--- Aim of the exercise ---
Copy down every line of the data that follows exactly. Omit the pictures.

Items from a dataset
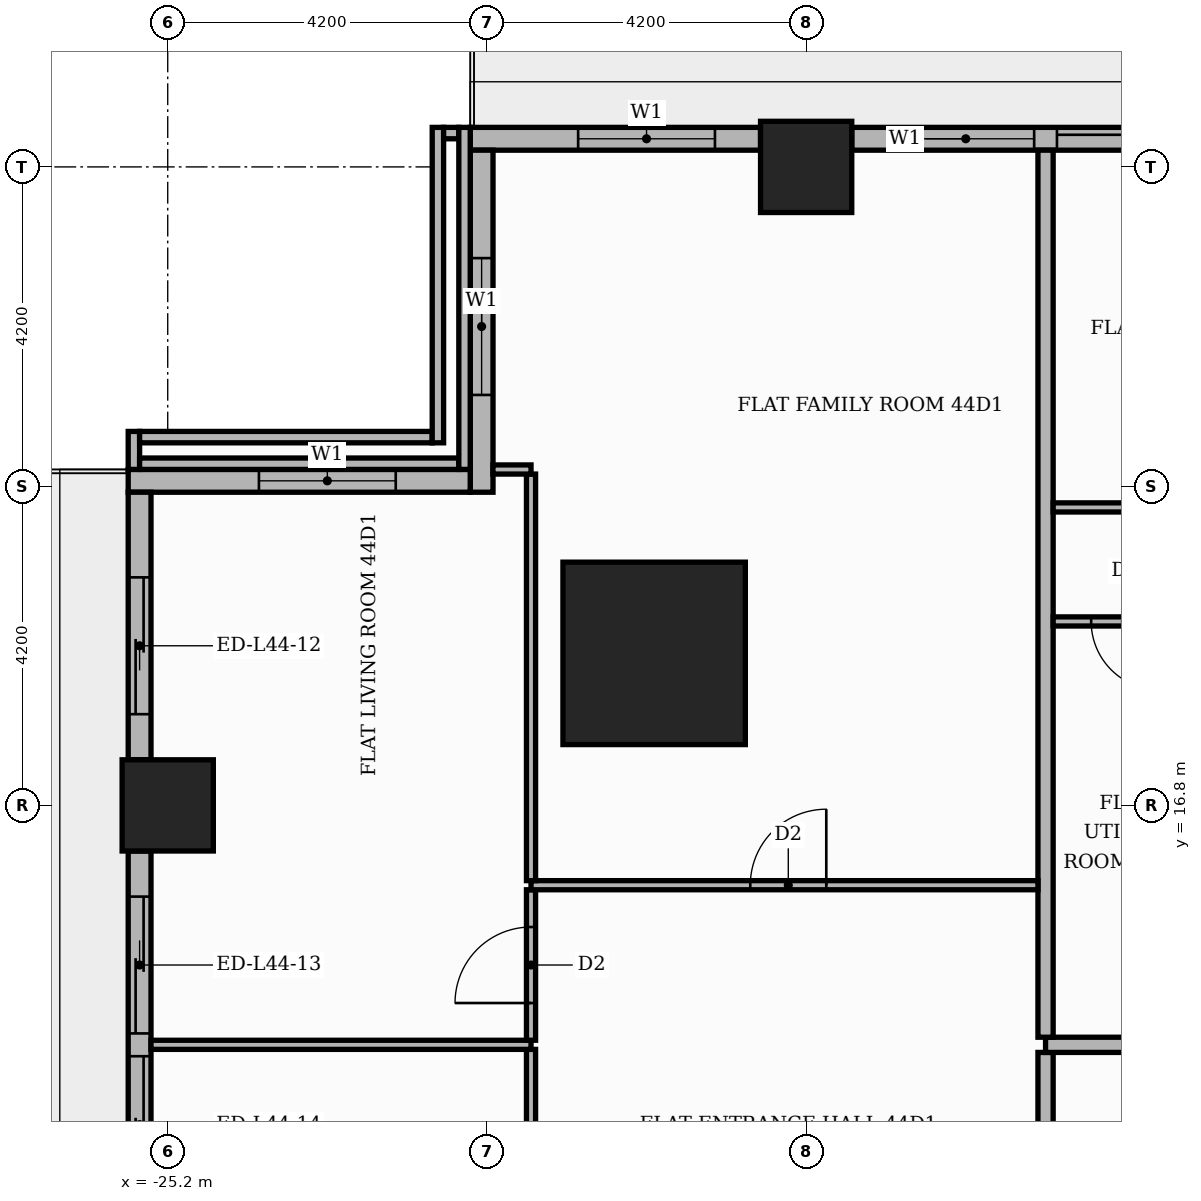
"""IFC4 building model, lengths in metres.
Left out: names, types, materials, properties, quantities, classifications, styles, units other than length and angle.
Written with IfcOpenShell. Run it as: python <this file> out.ifc"""

import sys

from ifc_helpers import new_model, si_unit, direction, frame, frame_2d, origin, origin_2d, place, context, subcontext, project, spatial, rectangle, extrude, element, fill, save


model = new_model("IFC4")
c1 = context("Model", 3, precision=1e-05, world=origin(), true_north=direction((0.0, 1.0)))
c2 = subcontext(c1, "Body", "Model", "MODEL_VIEW")
j1 = project(units=[si_unit("LENGTHUNIT", "METRE"), si_unit("PLANEANGLEUNIT", "RADIAN")], contexts=[c1])
p1 = place(None, origin())
s1 = spatial("IfcSite", under=j1, at=p1, CompositionType="ELEMENT")
p2 = place(p1, origin())
s2 = spatial("IfcBuilding", under=s1, at=p2, CompositionType="ELEMENT")
p3 = place(p2, frame((0.0, 0.0, 188.4)))
s3 = spatial("IfcBuildingStorey", under=s2, at=p3, CompositionType="ELEMENT", Elevation=188.4)
p4 = place(p3, frame((-18.8, 18.8, 0.0), z_axis=(0.0, 0.0, 1.0), x_axis=(1.0, 0.0, 0.0)))
e1 = element("IfcColumn", 1, at=p4, inside=s3, PredefinedType="COLUMN", context=c2, shape_type="SweptSolid", body=[
    extrude(rectangle(XDim=2.4, YDim=2.4, at=origin_2d()), origin(), (0.0, 0.0, 1.0), 3.9),
])
for number, where, z_axis, x_axis in (
    (2, (-16.8, 25.2, 0.0), (0.0, 0.0, 1.0), (1.0, 0.0, 0.0)),
    (3, (-25.2, 16.8, 0.0), (0.0, 0.0, 1.0), (1.0, 0.0, 0.0)),
):
    element("IfcColumn", number, at=place(p3, frame(where, z_axis=z_axis, x_axis=x_axis)), inside=s3, PredefinedType="COLUMN", context=c2, shape_type="SweptSolid", body=[
        extrude(rectangle(XDim=1.2, YDim=1.2, at=origin_2d()), origin(), (0.0, 0.0, 1.0), 3.9),
    ])
p5 = place(p3, frame((-9.0, 25.57, 0.0), z_axis=(0.0, 0.0, 1.0), x_axis=(-1.0, 0.0, 0.0)))
e4 = element("IfcWall", 4, at=p5, inside=s3, PredefinedType="STANDARD", context=c2, shape_type="SweptSolid", body=[
    extrude(rectangle(XDim=7.2, YDim=0.3, at=frame_2d((3.6, 0.0))), origin(), (0.0, 0.0, 1.0), 3.48),
])
p6 = place(p5, frame((0.6, 0.0, 0.0)))
e5 = element("IfcOpeningElement", 5, at=p6, cuts=e4, PredefinedType="OPENING", context=c2, shape_type="SweptSolid", body=[
    extrude(rectangle(XDim=3.9, YDim=2.4, at=frame_2d((1.95, 1.2))), frame((0.0, 0.16, 0.0), z_axis=(0.0, -1.0, 0.0), x_axis=(1.0, 0.0, 0.0)), (0.0, 0.0, 1.0), 0.32),
])
p7 = place(p5, frame((4.8, 0.0, 0.9)))
e6 = element("IfcOpeningElement", 6, at=p7, cuts=e4, PredefinedType="OPENING", context=c2, shape_type="SweptSolid", body=[
    extrude(rectangle(XDim=1.8, YDim=2.1, at=frame_2d((0.9, 1.05))), frame((0.0, 0.16, 0.0), z_axis=(0.0, -1.0, 0.0), x_axis=(1.0, 0.0, 0.0)), (0.0, 0.0, 1.0), 0.32),
])
p8 = place(p3, frame((-17.4, 25.57, 0.0), z_axis=(0.0, 0.0, 1.0), x_axis=(-1.0, 0.0, 0.0)))
e7 = element("IfcWall", 7, at=p8, inside=s3, PredefinedType="STANDARD", context=c2, shape_type="SweptSolid", body=[
    extrude(rectangle(XDim=3.82, YDim=0.3, at=frame_2d((1.91, 0.0))), origin(), (0.0, 0.0, 1.0), 3.48),
])
p9 = place(p8, frame((0.6, 0.0, 0.9)))
e8 = element("IfcOpeningElement", 8, at=p9, cuts=e7, PredefinedType="OPENING", context=c2, shape_type="SweptSolid", body=[
    extrude(rectangle(XDim=1.8, YDim=2.1, at=frame_2d((0.9, 1.05))), frame((0.0, 0.16, 0.0), z_axis=(0.0, -1.0, 0.0), x_axis=(1.0, 0.0, 0.0)), (0.0, 0.0, 1.0), 0.32),
])
p10 = place(p3, frame((-21.07, 25.42, 0.0), z_axis=(0.0, 0.0, 1.0), x_axis=(0.0, -1.0, 0.0)))
e9 = element("IfcWall", 9, at=p10, inside=s3, PredefinedType="STANDARD", context=c2, shape_type="SweptSolid", body=[
    extrude(rectangle(XDim=4.5, YDim=0.3, at=frame_2d((2.25, 0.0))), origin(), (0.0, 0.0, 1.0), 3.48),
])
p11 = place(p10, frame((1.42, 0.0, 0.9)))
e10 = element("IfcOpeningElement", 10, at=p11, cuts=e9, PredefinedType="OPENING", context=c2, shape_type="SweptSolid", body=[
    extrude(rectangle(XDim=1.8, YDim=2.1, at=frame_2d((0.9, 1.05))), frame((0.0, 0.16, 0.0), z_axis=(0.0, -1.0, 0.0), x_axis=(1.0, 0.0, 0.0)), (0.0, 0.0, 1.0), 0.32),
])
p12 = place(p3, frame((-21.22, 21.07, 0.0), z_axis=(0.0, 0.0, 1.0), x_axis=(-1.0, 0.0, 0.0)))
e11 = element("IfcWall", 11, at=p12, inside=s3, PredefinedType="STANDARD", context=c2, shape_type="SweptSolid", body=[
    extrude(rectangle(XDim=4.5, YDim=0.3, at=frame_2d((2.25, 0.0))), origin(), (0.0, 0.0, 1.0), 3.48),
])
p13 = place(p12, frame((0.98, 0.0, 0.9)))
e12 = element("IfcOpeningElement", 12, at=p13, cuts=e11, PredefinedType="OPENING", context=c2, shape_type="SweptSolid", body=[
    extrude(rectangle(XDim=1.8, YDim=2.1, at=frame_2d((0.9, 1.05))), frame((0.0, 0.16, 0.0), z_axis=(0.0, -1.0, 0.0), x_axis=(1.0, 0.0, 0.0)), (0.0, 0.0, 1.0), 0.32),
])
p14 = place(p3, frame((-25.57, 20.92, 0.0), z_axis=(0.0, 0.0, 1.0), x_axis=(0.0, -1.0, 0.0)))
e13 = element("IfcWall", 13, at=p14, inside=s3, PredefinedType="STANDARD", context=c2, shape_type="SweptSolid", body=[
    extrude(rectangle(XDim=3.52, YDim=0.3, at=frame_2d((1.76, 0.0))), origin(), (0.0, 0.0, 1.0), 3.48),
])
p15 = place(p14, frame((1.12, 0.0, 0.0)))
e14 = element("IfcOpeningElement", 14, at=p15, cuts=e13, PredefinedType="OPENING", context=c2, shape_type="SweptSolid", body=[
    extrude(rectangle(XDim=1.8, YDim=2.4, at=frame_2d((0.9, 1.2))), frame((0.0, 0.16, 0.0), z_axis=(0.0, -1.0, 0.0), x_axis=(1.0, 0.0, 0.0)), (0.0, 0.0, 1.0), 0.32),
])
p16 = place(p3, frame((-25.57, 16.2, 0.0), z_axis=(0.0, 0.0, 1.0), x_axis=(0.0, -1.0, 0.0)))
e15 = element("IfcWall", 15, at=p16, inside=s3, PredefinedType="STANDARD", context=c2, shape_type="SweptSolid", body=[
    extrude(rectangle(XDim=7.2, YDim=0.3, at=frame_2d((3.6, 0.0))), origin(), (0.0, 0.0, 1.0), 3.48),
])
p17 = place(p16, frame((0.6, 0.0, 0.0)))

--- Result of the task ---
"""IFC4 building model, lengths in metres.
Left out: names, types, materials, properties, quantities, classifications, styles, units other than length and angle.
Written with IfcOpenShell. Run it as: python <this file> out.ifc"""

import sys

from ifc_helpers import new_model, si_unit, direction, frame, frame_2d, origin, origin_2d, place, context, subcontext, project, spatial, rectangle, extrude, element, fill, save


model = new_model("IFC4")
c1 = context("Model", 3, precision=1e-05, world=origin(), true_north=direction((0.0, 1.0)))
c2 = subcontext(c1, "Body", "Model", "MODEL_VIEW")
j1 = project(units=[si_unit("LENGTHUNIT", "METRE"), si_unit("PLANEANGLEUNIT", "RADIAN")], contexts=[c1])
p1 = place(None, origin())
s1 = spatial("IfcSite", under=j1, at=p1, CompositionType="ELEMENT")
p2 = place(p1, origin())
s2 = spatial("IfcBuilding", under=s1, at=p2, CompositionType="ELEMENT")
p3 = place(p2, frame((0.0, 0.0, 188.4)))
s3 = spatial("IfcBuildingStorey", under=s2, at=p3, CompositionType="ELEMENT", Elevation=188.4)
p4 = place(p3, frame((-18.8, 18.8, 0.0), z_axis=(0.0, 0.0, 1.0), x_axis=(1.0, 0.0, 0.0)))
e1 = element("IfcColumn", 1, at=p4, inside=s3, PredefinedType="COLUMN", context=c2, shape_type="SweptSolid", body=[
    extrude(rectangle(XDim=2.4, YDim=2.4, at=origin_2d()), origin(), (0.0, 0.0, 1.0), 3.9),
])
for number, where, z_axis, x_axis in (
    (2, (-16.8, 25.2, 0.0), (0.0, 0.0, 1.0), (1.0, 0.0, 0.0)),
    (3, (-25.2, 16.8, 0.0), (0.0, 0.0, 1.0), (1.0, 0.0, 0.0)),
):
    element("IfcColumn", number, at=place(p3, frame(where, z_axis=z_axis, x_axis=x_axis)), inside=s3, PredefinedType="COLUMN", context=c2, shape_type="SweptSolid", body=[
        extrude(rectangle(XDim=1.2, YDim=1.2, at=origin_2d()), origin(), (0.0, 0.0, 1.0), 3.9),
    ])
p5 = place(p3, frame((-9.0, 25.57, 0.0), z_axis=(0.0, 0.0, 1.0), x_axis=(-1.0, 0.0, 0.0)))
e4 = element("IfcWall", 4, at=p5, inside=s3, PredefinedType="STANDARD", context=c2, shape_type="SweptSolid", body=[
    extrude(rectangle(XDim=7.2, YDim=0.3, at=frame_2d((3.6, 0.0))), origin(), (0.0, 0.0, 1.0), 3.48),
])
p6 = place(p5, frame((0.6, 0.0, 0.0)))
e5 = element("IfcOpeningElement", 5, at=p6, cuts=e4, PredefinedType="OPENING", context=c2, shape_type="SweptSolid", body=[
    extrude(rectangle(XDim=3.9, YDim=2.4, at=frame_2d((1.95, 1.2))), frame((0.0, 0.16, 0.0), z_axis=(0.0, -1.0, 0.0), x_axis=(1.0, 0.0, 0.0)), (0.0, 0.0, 1.0), 0.32),
])
p7 = place(p5, frame((4.8, 0.0, 0.9)))
e6 = element("IfcOpeningElement", 6, at=p7, cuts=e4, PredefinedType="OPENING", context=c2, shape_type="SweptSolid", body=[
    extrude(rectangle(XDim=1.8, YDim=2.1, at=frame_2d((0.9, 1.05))), frame((0.0, 0.16, 0.0), z_axis=(0.0, -1.0, 0.0), x_axis=(1.0, 0.0, 0.0)), (0.0, 0.0, 1.0), 0.32),
])
p8 = place(p3, frame((-17.4, 25.57, 0.0), z_axis=(0.0, 0.0, 1.0), x_axis=(-1.0, 0.0, 0.0)))
e7 = element("IfcWall", 7, at=p8, inside=s3, PredefinedType="STANDARD", context=c2, shape_type="SweptSolid", body=[
    extrude(rectangle(XDim=3.82, YDim=0.3, at=frame_2d((1.91, 0.0))), origin(), (0.0, 0.0, 1.0), 3.48),
])
p9 = place(p8, frame((0.6, 0.0, 0.9)))
e8 = element("IfcOpeningElement", 8, at=p9, cuts=e7, PredefinedType="OPENING", context=c2, shape_type="SweptSolid", body=[
    extrude(rectangle(XDim=1.8, YDim=2.1, at=frame_2d((0.9, 1.05))), frame((0.0, 0.16, 0.0), z_axis=(0.0, -1.0, 0.0), x_axis=(1.0, 0.0, 0.0)), (0.0, 0.0, 1.0), 0.32),
])
p10 = place(p3, frame((-21.07, 25.42, 0.0), z_axis=(0.0, 0.0, 1.0), x_axis=(0.0, -1.0, 0.0)))
e9 = element("IfcWall", 9, at=p10, inside=s3, PredefinedType="STANDARD", context=c2, shape_type="SweptSolid", body=[
    extrude(rectangle(XDim=4.5, YDim=0.3, at=frame_2d((2.25, 0.0))), origin(), (0.0, 0.0, 1.0), 3.48),
])
p11 = place(p10, frame((1.42, 0.0, 0.9)))
e10 = element("IfcOpeningElement", 10, at=p11, cuts=e9, PredefinedType="OPENING", context=c2, shape_type="SweptSolid", body=[
    extrude(rectangle(XDim=1.8, YDim=2.1, at=frame_2d((0.9, 1.05))), frame((0.0, 0.16, 0.0), z_axis=(0.0, -1.0, 0.0), x_axis=(1.0, 0.0, 0.0)), (0.0, 0.0, 1.0), 0.32),
])
p12 = place(p3, frame((-21.22, 21.07, 0.0), z_axis=(0.0, 0.0, 1.0), x_axis=(-1.0, 0.0, 0.0)))
e11 = element("IfcWall", 11, at=p12, inside=s3, PredefinedType="STANDARD", context=c2, shape_type="SweptSolid", body=[
    extrude(rectangle(XDim=4.5, YDim=0.3, at=frame_2d((2.25, 0.0))), origin(), (0.0, 0.0, 1.0), 3.48),
])
p13 = place(p12, frame((0.98, 0.0, 0.9)))
e12 = element("IfcOpeningElement", 12, at=p13, cuts=e11, PredefinedType="OPENING", context=c2, shape_type="SweptSolid", body=[
    extrude(rectangle(XDim=1.8, YDim=2.1, at=frame_2d((0.9, 1.05))), frame((0.0, 0.16, 0.0), z_axis=(0.0, -1.0, 0.0), x_axis=(1.0, 0.0, 0.0)), (0.0, 0.0, 1.0), 0.32),
])
p14 = place(p3, frame((-25.57, 20.92, 0.0), z_axis=(0.0, 0.0, 1.0), x_axis=(0.0, -1.0, 0.0)))
e13 = element("IfcWall", 13, at=p14, inside=s3, PredefinedType="STANDARD", context=c2, shape_type="SweptSolid", body=[
    extrude(rectangle(XDim=3.52, YDim=0.3, at=frame_2d((1.76, 0.0))), origin(), (0.0, 0.0, 1.0), 3.48),
])
p15 = place(p14, frame((1.12, 0.0, 0.0)))
e14 = element("IfcOpeningElement", 14, at=p15, cuts=e13, PredefinedType="OPENING", context=c2, shape_type="SweptSolid", body=[
    extrude(rectangle(XDim=1.8, YDim=2.4, at=frame_2d((0.9, 1.2))), frame((0.0, 0.16, 0.0), z_axis=(0.0, -1.0, 0.0), x_axis=(1.0, 0.0, 0.0)), (0.0, 0.0, 1.0), 0.32),
])
p16 = place(p3, frame((-25.57, 16.2, 0.0), z_axis=(0.0, 0.0, 1.0), x_axis=(0.0, -1.0, 0.0)))
e15 = element("IfcWall", 15, at=p16, inside=s3, PredefinedType="STANDARD", context=c2, shape_type="SweptSolid", body=[
    extrude(rectangle(XDim=7.2, YDim=0.3, at=frame_2d((3.6, 0.0))), origin(), (0.0, 0.0, 1.0), 3.48),
])
p17 = place(p16, frame((0.6, 0.0, 0.0)))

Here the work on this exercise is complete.